(Stored items from a collection)
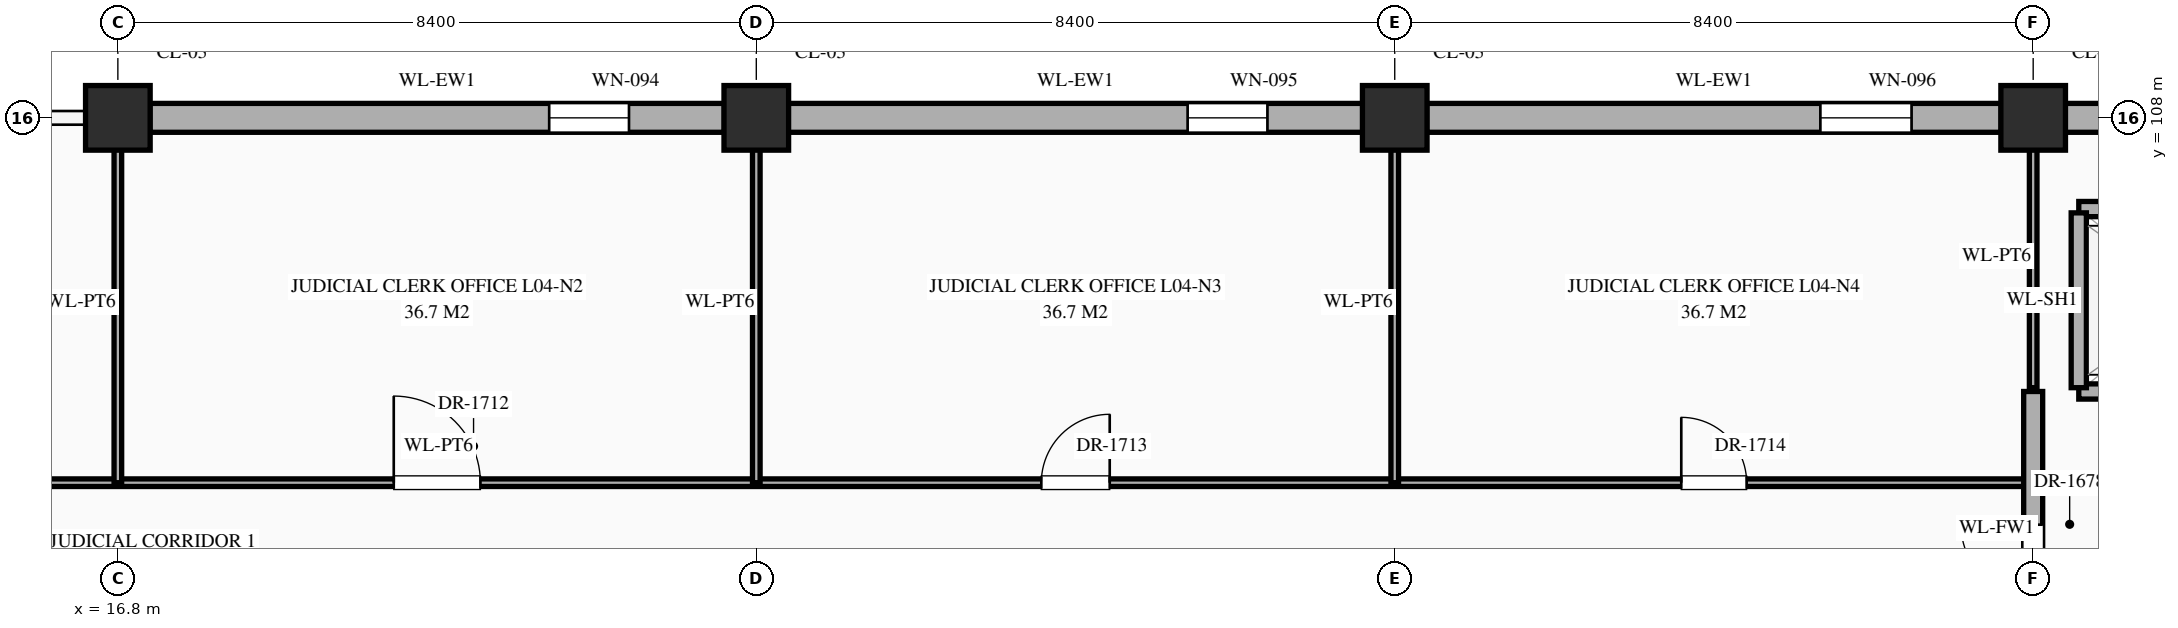
"""IFC4 building model, lengths in metres.
Left out: names, types, materials, properties, quantities, classifications, styles, units other than length and angle.
Written with IfcOpenShell. Run it as: python <this file> out.ifc"""

import sys

from ifc_helpers import new_model, si_unit, direction, frame, frame_2d, origin, origin_2d, place, context, subcontext, project, spatial, rectangle, extrude, element, fill, save


model = new_model("IFC4")
c1 = context("Model", 3, precision=1e-05, world=origin(), true_north=direction((0.0, 1.0)))
c2 = subcontext(c1, "Body", "Model", "MODEL_VIEW")
j1 = project(units=[si_unit("LENGTHUNIT", "METRE"), si_unit("PLANEANGLEUNIT", "RADIAN")], contexts=[c1])
p1 = place(None, origin())
s1 = spatial("IfcSite", under=j1, at=p1, CompositionType="ELEMENT")
p2 = place(p1, origin())
s2 = spatial("IfcBuilding", under=s1, at=p2, CompositionType="ELEMENT")
p3 = place(p2, frame((0.0, 0.0, 16.2)))
s3 = spatial("IfcBuildingStorey", under=s2, at=p3, CompositionType="ELEMENT", Elevation=16.2)
for number, where, z_axis, x_axis in (
    (1, (16.8, 108.0, 0.0), (0.0, 0.0, 1.0), (1.0, 0.0, 0.0)),
    (2, (25.2, 108.0, 0.0), (0.0, 0.0, 1.0), (1.0, 0.0, 0.0)),
    (3, (33.6, 108.0, 0.0), (0.0, 0.0, 1.0), (1.0, 0.0, 0.0)),
    (4, (42.0, 108.0, 0.0), (0.0, 0.0, 1.0), (1.0, 0.0, 0.0)),
):
    element("IfcColumn", number, at=place(p3, frame(where, z_axis=z_axis, x_axis=x_axis)), inside=s3, PredefinedType="COLUMN", context=c2, shape_type="SweptSolid", body=[
        extrude(rectangle(XDim=0.85, YDim=0.85, at=origin_2d()), origin(), (0.0, 0.0, 1.0), 5.4),
    ])
p4 = place(p3, frame((17.22, 108.0, 0.0), z_axis=(0.0, 0.0, 1.0), x_axis=(1.0, 0.0, 0.0)))
e5 = element("IfcWall", 5, at=p4, inside=s3, PredefinedType="STANDARD", context=c2, shape_type="SweptSolid", body=[
    extrude(rectangle(XDim=7.56, YDim=0.38, at=frame_2d((3.78, 0.0))), origin(), (0.0, 0.0, 1.0), 4.4),
])
p5 = place(p4, frame((5.255, 0.0, 0.85)))
e6 = element("IfcOpeningElement", 6, at=p5, cuts=e5, PredefinedType="OPENING", context=c2, shape_type="SweptSolid", body=[
    extrude(rectangle(XDim=1.05, YDim=1.92, at=frame_2d((0.525, 0.96))), frame((0.0, 0.202, 0.0), z_axis=(0.0, -1.0, 0.0), x_axis=(1.0, 0.0, 0.0)), (0.0, 0.0, 1.0), 0.404),
])
p6 = place(p3, frame((25.62, 108.0, 0.0), z_axis=(0.0, 0.0, 1.0), x_axis=(1.0, 0.0, 0.0)))
e7 = element("IfcWall", 7, at=p6, inside=s3, PredefinedType="STANDARD", context=c2, shape_type="SweptSolid", body=[
    extrude(rectangle(XDim=7.56, YDim=0.38, at=frame_2d((3.78, 0.0))), origin(), (0.0, 0.0, 1.0), 4.47),
])
p7 = place(p6, frame((5.255, 0.0, 0.85)))
e8 = element("IfcOpeningElement", 8, at=p7, cuts=e7, PredefinedType="OPENING", context=c2, shape_type="SweptSolid", body=[
    extrude(rectangle(XDim=1.05, YDim=2.12, at=frame_2d((0.525, 1.06))), frame((0.0, 0.202, 0.0), z_axis=(0.0, -1.0, 0.0), x_axis=(1.0, 0.0, 0.0)), (0.0, 0.0, 1.0), 0.404),
])
p8 = place(p3, frame((34.02, 108.0, 0.0), z_axis=(0.0, 0.0, 1.0), x_axis=(1.0, 0.0, 0.0)))
e9 = element("IfcWall", 9, at=p8, inside=s3, PredefinedType="STANDARD", context=c2, shape_type="SweptSolid", body=[
    extrude(rectangle(XDim=7.56, YDim=0.38, at=frame_2d((3.78, 0.0))), origin(), (0.0, 0.0, 1.0), 4.47),
])
p9 = place(p8, frame((5.18, 0.0, 0.85)))
e10 = element("IfcOpeningElement", 10, at=p9, cuts=e9, PredefinedType="OPENING", context=c2, shape_type="SweptSolid", body=[
    extrude(rectangle(XDim=1.2, YDim=1.2, at=frame_2d((0.6, 0.6))), frame((0.0, 0.202, 0.0), z_axis=(0.0, -1.0, 0.0), x_axis=(1.0, 0.0, 0.0)), (0.0, 0.0, 1.0), 0.404),
])
p10 = place(p3, frame((42.42, 108.0, 0.0), z_axis=(0.0, 0.0, 1.0), x_axis=(1.0, 0.0, 0.0)))
e11 = element("IfcWall", 11, at=p10, inside=s3, PredefinedType="STANDARD", context=c2, shape_type="SweptSolid", body=[
    extrude(rectangle(XDim=7.535, YDim=0.38, at=frame_2d((3.768, 0.0))), origin(), (0.0, 0.0, 1.0), 4.47),
])
p11 = place(p3, frame((0.04, 103.2, 0.0), z_axis=(0.0, 0.0, 1.0), x_axis=(1.0, 0.0, 0.0)))
e12 = element("IfcWall", 12, at=p11, inside=s3, PredefinedType="STANDARD", context=c2, shape_type="SweptSolid", body=[
    extrude(rectangle(XDim=41.96, YDim=0.1, at=frame_2d((20.98, 0.0))), origin(), (0.0, 0.0, 1.0), 5.05),
])
p12 = place(p11, frame((3.67, 0.0, 0.0)))
e13 = element("IfcOpeningElement", 13, at=p12, cuts=e12, PredefinedType="OPENING", context=c2, shape_type="SweptSolid", body=[
    extrude(rectangle(XDim=1.02, YDim=2.4, at=frame_2d((0.51, 1.2))), frame((0.0, 0.062, 0.0), z_axis=(0.0, -1.0, 0.0), x_axis=(1.0, 0.0, 0.0)), (0.0, 0.0, 1.0), 0.124),
])
p13 = place(p11, frame((12.03, 0.0, 0.0)))
e14 = element("IfcOpeningElement", 14, at=p13, cuts=e12, PredefinedType="OPENING", context=c2, shape_type="SweptSolid", body=[
    extrude(rectangle(XDim=1.06, YDim=2.4, at=frame_2d((0.53, 1.2))), frame((0.0, 0.062, 0.0), z_axis=(0.0, -1.0, 0.0), x_axis=(1.0, 0.0, 0.0)), (0.0, 0.0, 1.0), 0.124),
])
p14 = place(p11, frame((20.39, 0.0, 0.0)))
e15 = element("IfcOpeningElement", 15, at=p14, cuts=e12, PredefinedType="OPENING", context=c2, shape_type="SweptSolid", body=[
    extrude(rectangle(XDim=1.14, YDim=2.4, at=frame_2d((0.57, 1.2))), frame((0.0, 0.062, 0.0), z_axis=(0.0, -1.0, 0.0), x_axis=(1.0, 0.0, 0.0)), (0.0, 0.0, 1.0), 0.124),
])
p15 = place(p11, frame((28.91, 0.0, 0.0)))
e16 = element("IfcOpeningElement", 16, at=p15, cuts=e12, PredefinedType="OPENING", context=c2, shape_type="SweptSolid", body=[
    extrude(rectangle(XDim=0.9, YDim=2.15, at=frame_2d((0.45, 1.075))), frame((0.0, 0.062, 0.0), z_axis=(0.0, -1.0, 0.0), x_axis=(1.0, 0.0, 0.0)), (0.0, 0.0, 1.0), 0.124),
])
p16 = place(p11, frame((37.33, 0.0, 0.0)))
e17 = element("IfcOpeningElement", 17, at=p16, cuts=e12, PredefinedType="OPENING", context=c2, shape_type="SweptSolid", body=[
    extrude(rectangle(XDim=0.86, YDim=2.1, at=frame_2d((0.43, 1.05))), frame((0.0, 0.062, 0.0), z_axis=(0.0, -1.0, 0.0), x_axis=(1.0, 0.0, 0.0)), (0.0, 0.0, 1.0), 0.124),
])
p17 = place(p3, frame((42.6, 104.4, 0.0), z_axis=(0.0, 0.0, 1.0), x_axis=(1.0, 0.0, 0.0)))
e18 = element("IfcWall", 18, at=p17, inside=s3, PredefinedType="STANDARD", context=c2, shape_type="SweptSolid", body=[
    extrude(rectangle(XDim=3.0, YDim=0.2, at=frame_2d((1.5, 0.0))), origin(), (0.0, 0.0, 1.0), 5.12),
])
p18 = place(p17, frame((0.9, 0.0, 0.0)))
e19 = element("IfcOpeningElement", 19, at=p18, cuts=e18, PredefinedType="OPENING", context=c2, shape_type="SweptSolid", body=[
    extrude(rectangle(XDim=1.2, YDim=2.15, at=frame_2d((0.6, 1.075))), frame((0.0, 0.112, 0.0), z_axis=(0.0, -1.0, 0.0), x_axis=(1.0, 0.0, 0.0)), (0.0, 0.0, 1.0), 0.224),
])
p19 = place(p3, frame((42.6, 106.8, 0.0), z_axis=(0.0, 0.0, 1.0), x_axis=(1.0, 0.0, 0.0)))
e20 = element("IfcWall", 20, at=p19, inside=s3, PredefinedType="STANDARD", context=c2, shape_type="SweptSolid", body=[
    extrude(rectangle(XDim=3.0, YDim=0.2, at=frame_2d((1.5, 0.0))), origin(), (0.0, 0.0, 1.0), 5.12),
])
for number, where, z_axis, x_axis in (
    (21, (16.8, 103.2, 0.0), (0.0, 0.0, 1.0), (0.0, 1.0, 0.0)),
    (22, (25.2, 103.2, 0.0), (0.0, 0.0, 1.0), (0.0, 1.0, 0.0)),
):
    element("IfcWall", number, at=place(p3, frame(where, z_axis=z_axis, x_axis=x_axis)), inside=s3, PredefinedType="STANDARD", context=c2, shape_type="SweptSolid", body=[
        extrude(rectangle(XDim=4.76, YDim=0.1, at=frame_2d((2.38, 0.0))), origin(), (0.0, 0.0, 1.0), 4.3),
    ])
p20 = place(p3, frame((33.6, 103.2, 0.0), z_axis=(0.0, 0.0, 1.0), x_axis=(0.0, 1.0, 0.0)))
e23 = element("IfcWall", 23, at=p20, inside=s3, PredefinedType="STANDARD", context=c2, shape_type="SweptSolid", body=[
    extrude(rectangle(XDim=4.76, YDim=0.1, at=frame_2d((2.38, 0.0))), origin(), (0.0, 0.0, 1.0), 4.37),
])
p21 = place(p3, frame((42.0, 100.8, 0.0), z_axis=(0.0, 0.0, 1.0), x_axis=(0.0, 1.0, 0.0)))
e24 = element("IfcWall", 24, at=p21, inside=s3, PredefinedType="STANDARD", context=c2, shape_type="SweptSolid", body=[
    extrude(rectangle(XDim=3.6, YDim=0.25, at=frame_2d((1.8, 0.0))), origin(), (0.0, 0.0, 1.0), 4.37),
])
p22 = place(p21, frame((0.897, 0.0, 0.0)))
e25 = element("IfcOpeningElement", 25, at=p22, cuts=e24, PredefinedType="OPENING", context=c2, shape_type="SweptSolid", body=[
    extrude(rectangle(XDim=0.95, YDim=2.15, at=frame_2d((0.475, 1.075))), frame((0.0, 0.137, 0.0), z_axis=(0.0, -1.0, 0.0), x_axis=(1.0, 0.0, 0.0)), (0.0, 0.0, 1.0), 0.274),
])
p23 = place(p3, frame((42.0, 104.45, 0.0), z_axis=(0.0, 0.0, 1.0), x_axis=(0.0, 1.0, 0.0)))
e26 = element("IfcWall", 26, at=p23, inside=s3, PredefinedType="STANDARD", context=c2, shape_type="SweptSolid", body=[
    extrude(rectangle(XDim=3.46, YDim=0.1, at=frame_2d((1.73, 0.0))), origin(), (0.0, 0.0, 1.0), 4.37),
])
p24 = place(p3, frame((42.6, 104.45, 0.0), z_axis=(0.0, 0.0, 1.0), x_axis=(0.0, 1.0, 0.0)))
e27 = element("IfcWall", 27, at=p24, inside=s3, PredefinedType="STANDARD", context=c2, shape_type="SweptSolid", body=[
    extrude(rectangle(XDim=2.3, YDim=0.2, at=frame_2d((1.15, 0.0))), origin(), (0.0, 0.0, 1.0), 5.12),
])
p25 = place(p5, origin())
e28 = element("IfcWindow", 28, at=p25, inside=s3, PartitioningType="SINGLE_PANEL", PredefinedType="WINDOW", context=c2, shape_type="SweptSolid", body=[
    extrude(rectangle(XDim=1.05, YDim=1.92, at=frame_2d((0.525, 0.96))), frame((0.0, 0.03, 0.0), z_axis=(0.0, -1.0, 0.0), x_axis=(1.0, 0.0, 0.0)), (0.0, 0.0, 1.0), 0.06),
])
fill(e6, e28)
p26 = place(p7, origin())
e29 = element("IfcWindow", 29, at=p26, inside=s3, PartitioningType="SINGLE_PANEL", PredefinedType="WINDOW", context=c2, shape_type="SweptSolid", body=[
    extrude(rectangle(XDim=1.05, YDim=2.12, at=frame_2d((0.525, 1.06))), frame((0.0, 0.03, 0.0), z_axis=(0.0, -1.0, 0.0), x_axis=(1.0, 0.0, 0.0)), (0.0, 0.0, 1.0), 0.06),
])
fill(e8, e29)
p27 = place(p9, origin())
e30 = element("IfcWindow", 30, at=p27, inside=s3, PartitioningType="SINGLE_PANEL", PredefinedType="WINDOW", context=c2, shape_type="SweptSolid", body=[
    extrude(rectangle(XDim=1.2, YDim=1.2, at=frame_2d((0.6, 0.6))), frame((0.0, 0.03, 0.0), z_axis=(0.0, -1.0, 0.0), x_axis=(1.0, 0.0, 0.0)), (0.0, 0.0, 1.0), 0.06),
])
fill(e10, e30)
p28 = place(p22, origin())
e31 = element("IfcDoor", 31, at=p28, inside=s3, OperationType="SINGLE_SWING_RIGHT", PredefinedType="DOOR", context=c2, shape_type="SweptSolid", body=[
    extrude(rectangle(XDim=0.95, YDim=2.15, at=frame_2d((0.475, 1.075))), frame((0.0, 0.025, 0.0), z_axis=(0.0, -1.0, 0.0), x_axis=(1.0, 0.0, 0.0)), (0.0, 0.0, 1.0), 0.05),
])
fill(e25, e31)
p29 = place(p14, origin())
e32 = element("IfcDoor", 32, at=p29, inside=s3, OperationType="SINGLE_SWING_LEFT", PredefinedType="DOOR", context=c2, shape_type="SweptSolid", body=[
    extrude(rectangle(XDim=1.14, YDim=2.4, at=frame_2d((0.57, 1.2))), frame((0.0, 0.025, 0.0), z_axis=(0.0, -1.0, 0.0), x_axis=(1.0, 0.0, 0.0)), (0.0, 0.0, 1.0), 0.05),
])
fill(e15, e32)
p30 = place(p15, origin())
e33 = element("IfcDoor", 33, at=p30, inside=s3, OperationType="SINGLE_SWING_RIGHT", PredefinedType="DOOR", context=c2, shape_type="SweptSolid", body=[
    extrude(rectangle(XDim=0.9, YDim=2.15, at=frame_2d((0.45, 1.075))), frame((0.0, 0.025, 0.0), z_axis=(0.0, -1.0, 0.0), x_axis=(1.0, 0.0, 0.0)), (0.0, 0.0, 1.0), 0.05),
])
fill(e16, e33)
p31 = place(p16, origin())
e34 = element("IfcDoor", 34, at=p31, inside=s3, OperationType="SINGLE_SWING_LEFT", PredefinedType="DOOR", context=c2, shape_type="SweptSolid", body=[
    extrude(rectangle(XDim=0.86, YDim=2.1, at=frame_2d((0.43, 1.05))), frame((0.0, 0.025, 0.0), z_axis=(0.0, -1.0, 0.0), x_axis=(1.0, 0.0, 0.0)), (0.0, 0.0, 1.0), 0.05),
])
fill(e17, e34)
save(model, sys.argv[1])

> **Exercise directions**
Every line in the data that holds the string "DOOR" should be returned.

> **Expected answer**
e31 = element("IfcDoor", 31, at=p28, inside=s3, OperationType="SINGLE_SWING_RIGHT", PredefinedType="DOOR", context=c2, shape_type="SweptSolid", body=[
e32 = element("IfcDoor", 32, at=p29, inside=s3, OperationType="SINGLE_SWING_LEFT", PredefinedType="DOOR", context=c2, shape_type="SweptSolid", body=[
e33 = element("IfcDoor", 33, at=p30, inside=s3, OperationType="SINGLE_SWING_RIGHT", PredefinedType="DOOR", context=c2, shape_type="SweptSolid", body=[
e34 = element("IfcDoor", 34, at=p31, inside=s3, OperationType="SINGLE_SWING_LEFT", PredefinedType="DOOR", context=c2, shape_type="SweptSolid", body=[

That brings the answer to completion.